Work item: Images embedded in the records are excluded; print everything else exactly as given.

━━━━━ Data for review

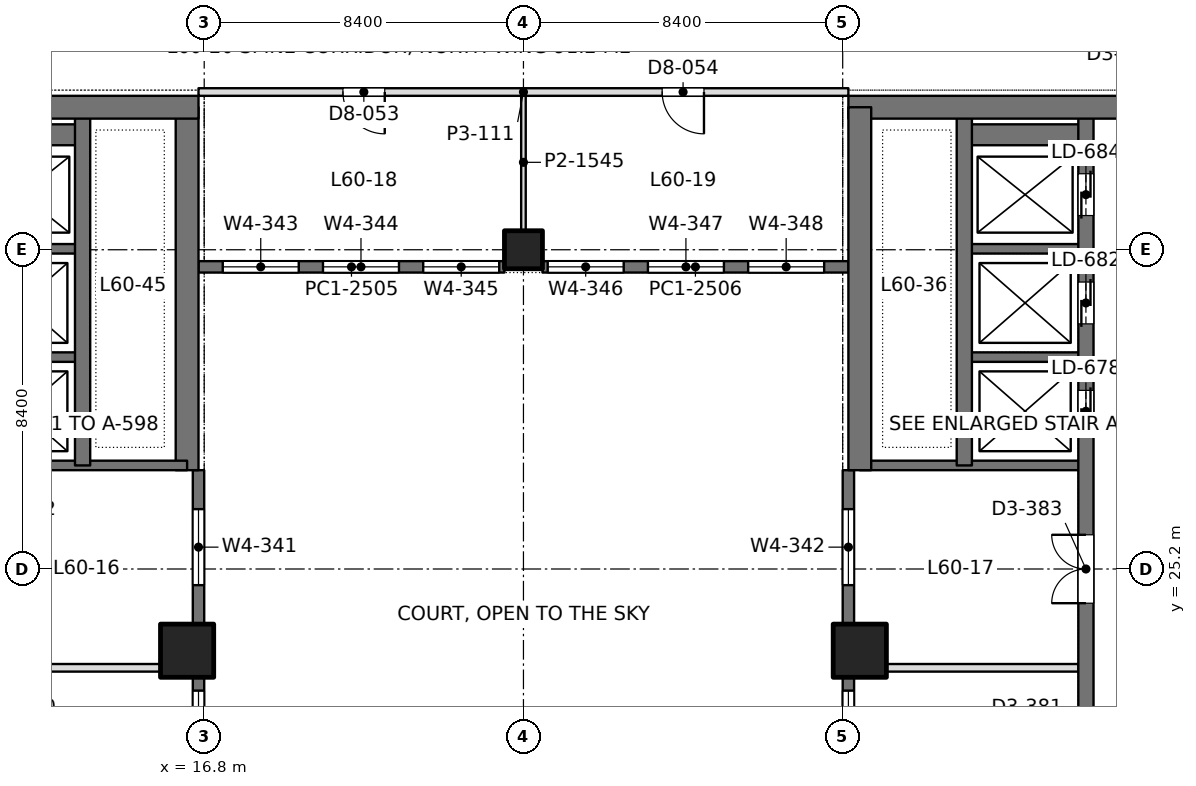
"""IFC4 building model, lengths in metres.
Left out: names, types, materials, properties, quantities, classifications, styles, units other than length and angle.
Written with IfcOpenShell. Run it as: python <this file> out.ifc"""

import sys

from ifc_helpers import new_model, si_unit, direction, frame, frame_2d, origin, origin_2d, place, context, subcontext, project, spatial, rectangle, extrude, element, fill, save


model = new_model("IFC4")
c1 = context("Model", 3, precision=1e-05, world=origin(), true_north=direction((0.0, 1.0)))
c2 = subcontext(c1, "Body", "Model", "MODEL_VIEW")
j1 = project(units=[si_unit("LENGTHUNIT", "METRE"), si_unit("PLANEANGLEUNIT", "RADIAN")], contexts=[c1])
p1 = place(None, origin())
s1 = spatial("IfcSite", under=j1, at=p1, CompositionType="ELEMENT")
p2 = place(p1, origin())
s2 = spatial("IfcBuilding", under=s1, at=p2, CompositionType="ELEMENT")
p3 = place(p2, frame((0.0, 0.0, 263.7)))
s3 = spatial("IfcBuildingStorey", under=s2, at=p3, CompositionType="ELEMENT", Elevation=263.7)
p4 = place(p3, frame((25.2, 33.6, 0.0), z_axis=(0.0, 0.0, 1.0), x_axis=(1.0, 0.0, 0.0)))
e1 = element("IfcColumn", 1, at=p4, inside=s3, PredefinedType="COLUMN", context=c2, shape_type="SweptSolid", body=[
    extrude(rectangle(XDim=1.0, YDim=1.0, at=origin_2d()), origin(), (0.0, 0.0, 1.0), 4.5),
])
for number, where, z_axis, x_axis in (
    (2, (16.35, 23.05, 0.0), (0.0, 0.0, 1.0), (1.0, 0.0, 0.0)),
    (3, (34.05, 23.05, 0.0), (0.0, 0.0, 1.0), (1.0, 0.0, 0.0)),
):
    element("IfcColumn", number, at=place(p3, frame(where, z_axis=z_axis, x_axis=x_axis)), inside=s3, PredefinedType="COLUMN", context=c2, shape_type="SweptSolid", body=[
        extrude(rectangle(XDim=1.4, YDim=1.4, at=origin_2d()), origin(), (0.0, 0.0, 1.0), 4.5),
    ])
p5 = place(p3, frame((-1.05, 37.35, 0.0), z_axis=(0.0, 0.0, 1.0), x_axis=(1.0, 0.0, 0.0)))
e4 = element("IfcWall", 4, at=p5, inside=s3, PredefinedType="SHEAR", context=c2, shape_type="SweptSolid", body=[
    extrude(rectangle(XDim=17.7, YDim=0.6, at=frame_2d((8.85, 0.0))), origin(), (0.0, 0.0, 1.0), 4.5),
])
p6 = place(p5, frame((8.8, 0.0, 0.0)))
e5 = element("IfcOpeningElement", 5, at=p6, cuts=e4, PredefinedType="OPENING", context=c2, shape_type="SweptSolid", body=[
    extrude(rectangle(XDim=1.8, YDim=2.4, at=frame_2d((0.9, 1.2))), frame((0.0, 0.31, 0.0), z_axis=(0.0, -1.0, 0.0), x_axis=(1.0, 0.0, 0.0)), (0.0, 0.0, 1.0), 0.62),
])
p7 = place(p3, frame((16.35, 27.8, 0.0), z_axis=(0.0, 0.0, 1.0), x_axis=(0.0, 1.0, 0.0)))
e6 = element("IfcWall", 6, at=p7, inside=s3, PredefinedType="SHEAR", context=c2, shape_type="SweptSolid", body=[
    extrude(rectangle(XDim=9.55, YDim=0.6, at=frame_2d((4.775, 0.0))), origin(), (0.0, 0.0, 1.0), 4.5),
])
p8 = place(p3, frame((13.6, 27.925, 0.0), z_axis=(0.0, 0.0, 1.0), x_axis=(0.0, 1.0, 0.0)))
e7 = element("IfcWall", 7, at=p8, inside=s3, PredefinedType="SHEAR", context=c2, shape_type="SweptSolid", body=[
    extrude(rectangle(XDim=9.425, YDim=0.4, at=frame_2d((4.712, 0.0))), origin(), (0.0, 0.0, 1.0), 4.5),
])
p9 = place(p3, frame((10.4, 27.925, 0.0), z_axis=(0.0, 0.0, 1.0), x_axis=(1.0, 0.0, 0.0)))
e8 = element("IfcWall", 8, at=p9, inside=s3, PredefinedType="SHEAR", context=c2, shape_type="SweptSolid", body=[
    extrude(rectangle(XDim=5.95, YDim=0.25, at=frame_2d((2.975, 0.0))), origin(), (0.0, 0.0, 1.0), 4.5),
])
for number, where, z_axis, x_axis in (
    (9, (10.4, 30.775, 0.0), (0.0, 0.0, 1.0), (1.0, 0.0, 0.0)),
    (10, (10.4, 33.625, 0.0), (0.0, 0.0, 1.0), (1.0, 0.0, 0.0)),
):
    element("IfcWall", number, at=place(p3, frame(where, z_axis=z_axis, x_axis=x_axis)), inside=s3, PredefinedType="SHEAR", context=c2, shape_type="SweptSolid", body=[
        extrude(rectangle(XDim=3.2, YDim=0.25, at=frame_2d((1.6, 0.0))), origin(), (0.0, 0.0, 1.0), 4.5),
    ])
p10 = place(p3, frame((10.4, 36.625, 0.0), z_axis=(0.0, 0.0, 1.0), x_axis=(1.0, 0.0, 0.0)))
e11 = element("IfcWall", 11, at=p10, inside=s3, PredefinedType="SHEAR", context=c2, shape_type="SweptSolid", body=[
    extrude(rectangle(XDim=3.2, YDim=0.55, at=frame_2d((1.6, 0.0))), origin(), (0.0, 0.0, 1.0), 4.5),
])
p11 = place(p3, frame((33.75, 37.35, 0.0), z_axis=(0.0, 0.0, 1.0), x_axis=(1.0, 0.0, 0.0)))
e12 = element("IfcWall", 12, at=p11, inside=s3, PredefinedType="SHEAR", context=c2, shape_type="SweptSolid", body=[
    extrude(rectangle(XDim=17.7, YDim=0.6, at=frame_2d((8.85, 0.0))), origin(), (0.0, 0.0, 1.0), 4.5),
])
p12 = place(p11, frame((7.1, 0.0, 0.0)))
e13 = element("IfcOpeningElement", 13, at=p12, cuts=e12, PredefinedType="OPENING", context=c2, shape_type="SweptSolid", body=[
    extrude(rectangle(XDim=1.8, YDim=2.4, at=frame_2d((0.9, 1.2))), frame((0.0, 0.31, 0.0), z_axis=(0.0, -1.0, 0.0), x_axis=(1.0, 0.0, 0.0)), (0.0, 0.0, 1.0), 0.62),
])
p13 = place(p3, frame((34.05, 27.8, 0.0), z_axis=(0.0, 0.0, 1.0), x_axis=(0.0, 1.0, 0.0)))
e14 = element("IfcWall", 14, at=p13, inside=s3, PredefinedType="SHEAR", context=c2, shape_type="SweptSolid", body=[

━━━━━━━━━━

Solution:
"""IFC4 building model, lengths in metres.
Left out: names, types, materials, properties, quantities, classifications, styles, units other than length and angle.
Written with IfcOpenShell. Run it as: python <this file> out.ifc"""

import sys

from ifc_helpers import new_model, si_unit, direction, frame, frame_2d, origin, origin_2d, place, context, subcontext, project, spatial, rectangle, extrude, element, fill, save


model = new_model("IFC4")
c1 = context("Model", 3, precision=1e-05, world=origin(), true_north=direction((0.0, 1.0)))
c2 = subcontext(c1, "Body", "Model", "MODEL_VIEW")
j1 = project(units=[si_unit("LENGTHUNIT", "METRE"), si_unit("PLANEANGLEUNIT", "RADIAN")], contexts=[c1])
p1 = place(None, origin())
s1 = spatial("IfcSite", under=j1, at=p1, CompositionType="ELEMENT")
p2 = place(p1, origin())
s2 = spatial("IfcBuilding", under=s1, at=p2, CompositionType="ELEMENT")
p3 = place(p2, frame((0.0, 0.0, 263.7)))
s3 = spatial("IfcBuildingStorey", under=s2, at=p3, CompositionType="ELEMENT", Elevation=263.7)
p4 = place(p3, frame((25.2, 33.6, 0.0), z_axis=(0.0, 0.0, 1.0), x_axis=(1.0, 0.0, 0.0)))
e1 = element("IfcColumn", 1, at=p4, inside=s3, PredefinedType="COLUMN", context=c2, shape_type="SweptSolid", body=[
    extrude(rectangle(XDim=1.0, YDim=1.0, at=origin_2d()), origin(), (0.0, 0.0, 1.0), 4.5),
])
for number, where, z_axis, x_axis in (
    (2, (16.35, 23.05, 0.0), (0.0, 0.0, 1.0), (1.0, 0.0, 0.0)),
    (3, (34.05, 23.05, 0.0), (0.0, 0.0, 1.0), (1.0, 0.0, 0.0)),
):
    element("IfcColumn", number, at=place(p3, frame(where, z_axis=z_axis, x_axis=x_axis)), inside=s3, PredefinedType="COLUMN", context=c2, shape_type="SweptSolid", body=[
        extrude(rectangle(XDim=1.4, YDim=1.4, at=origin_2d()), origin(), (0.0, 0.0, 1.0), 4.5),
    ])
p5 = place(p3, frame((-1.05, 37.35, 0.0), z_axis=(0.0, 0.0, 1.0), x_axis=(1.0, 0.0, 0.0)))
e4 = element("IfcWall", 4, at=p5, inside=s3, PredefinedType="SHEAR", context=c2, shape_type="SweptSolid", body=[
    extrude(rectangle(XDim=17.7, YDim=0.6, at=frame_2d((8.85, 0.0))), origin(), (0.0, 0.0, 1.0), 4.5),
])
p6 = place(p5, frame((8.8, 0.0, 0.0)))
e5 = element("IfcOpeningElement", 5, at=p6, cuts=e4, PredefinedType="OPENING", context=c2, shape_type="SweptSolid", body=[
    extrude(rectangle(XDim=1.8, YDim=2.4, at=frame_2d((0.9, 1.2))), frame((0.0, 0.31, 0.0), z_axis=(0.0, -1.0, 0.0), x_axis=(1.0, 0.0, 0.0)), (0.0, 0.0, 1.0), 0.62),
])
p7 = place(p3, frame((16.35, 27.8, 0.0), z_axis=(0.0, 0.0, 1.0), x_axis=(0.0, 1.0, 0.0)))
e6 = element("IfcWall", 6, at=p7, inside=s3, PredefinedType="SHEAR", context=c2, shape_type="SweptSolid", body=[
    extrude(rectangle(XDim=9.55, YDim=0.6, at=frame_2d((4.775, 0.0))), origin(), (0.0, 0.0, 1.0), 4.5),
])
p8 = place(p3, frame((13.6, 27.925, 0.0), z_axis=(0.0, 0.0, 1.0), x_axis=(0.0, 1.0, 0.0)))
e7 = element("IfcWall", 7, at=p8, inside=s3, PredefinedType="SHEAR", context=c2, shape_type="SweptSolid", body=[
    extrude(rectangle(XDim=9.425, YDim=0.4, at=frame_2d((4.712, 0.0))), origin(), (0.0, 0.0, 1.0), 4.5),
])
p9 = place(p3, frame((10.4, 27.925, 0.0), z_axis=(0.0, 0.0, 1.0), x_axis=(1.0, 0.0, 0.0)))
e8 = element("IfcWall", 8, at=p9, inside=s3, PredefinedType="SHEAR", context=c2, shape_type="SweptSolid", body=[
    extrude(rectangle(XDim=5.95, YDim=0.25, at=frame_2d((2.975, 0.0))), origin(), (0.0, 0.0, 1.0), 4.5),
])
for number, where, z_axis, x_axis in (
    (9, (10.4, 30.775, 0.0), (0.0, 0.0, 1.0), (1.0, 0.0, 0.0)),
    (10, (10.4, 33.625, 0.0), (0.0, 0.0, 1.0), (1.0, 0.0, 0.0)),
):
    element("IfcWall", number, at=place(p3, frame(where, z_axis=z_axis, x_axis=x_axis)), inside=s3, PredefinedType="SHEAR", context=c2, shape_type="SweptSolid", body=[
        extrude(rectangle(XDim=3.2, YDim=0.25, at=frame_2d((1.6, 0.0))), origin(), (0.0, 0.0, 1.0), 4.5),
    ])
p10 = place(p3, frame((10.4, 36.625, 0.0), z_axis=(0.0, 0.0, 1.0), x_axis=(1.0, 0.0, 0.0)))
e11 = element("IfcWall", 11, at=p10, inside=s3, PredefinedType="SHEAR", context=c2, shape_type="SweptSolid", body=[
    extrude(rectangle(XDim=3.2, YDim=0.55, at=frame_2d((1.6, 0.0))), origin(), (0.0, 0.0, 1.0), 4.5),
])
p11 = place(p3, frame((33.75, 37.35, 0.0), z_axis=(0.0, 0.0, 1.0), x_axis=(1.0, 0.0, 0.0)))
e12 = element("IfcWall", 12, at=p11, inside=s3, PredefinedType="SHEAR", context=c2, shape_type="SweptSolid", body=[
    extrude(rectangle(XDim=17.7, YDim=0.6, at=frame_2d((8.85, 0.0))), origin(), (0.0, 0.0, 1.0), 4.5),
])
p12 = place(p11, frame((7.1, 0.0, 0.0)))
e13 = element("IfcOpeningElement", 13, at=p12, cuts=e12, PredefinedType="OPENING", context=c2, shape_type="SweptSolid", body=[
    extrude(rectangle(XDim=1.8, YDim=2.4, at=frame_2d((0.9, 1.2))), frame((0.0, 0.31, 0.0), z_axis=(0.0, -1.0, 0.0), x_axis=(1.0, 0.0, 0.0)), (0.0, 0.0, 1.0), 0.62),
])
p13 = place(p3, frame((34.05, 27.8, 0.0), z_axis=(0.0, 0.0, 1.0), x_axis=(0.0, 1.0, 0.0)))
e14 = element("IfcWall", 14, at=p13, inside=s3, PredefinedType="SHEAR", context=c2, shape_type="SweptSolid", body=[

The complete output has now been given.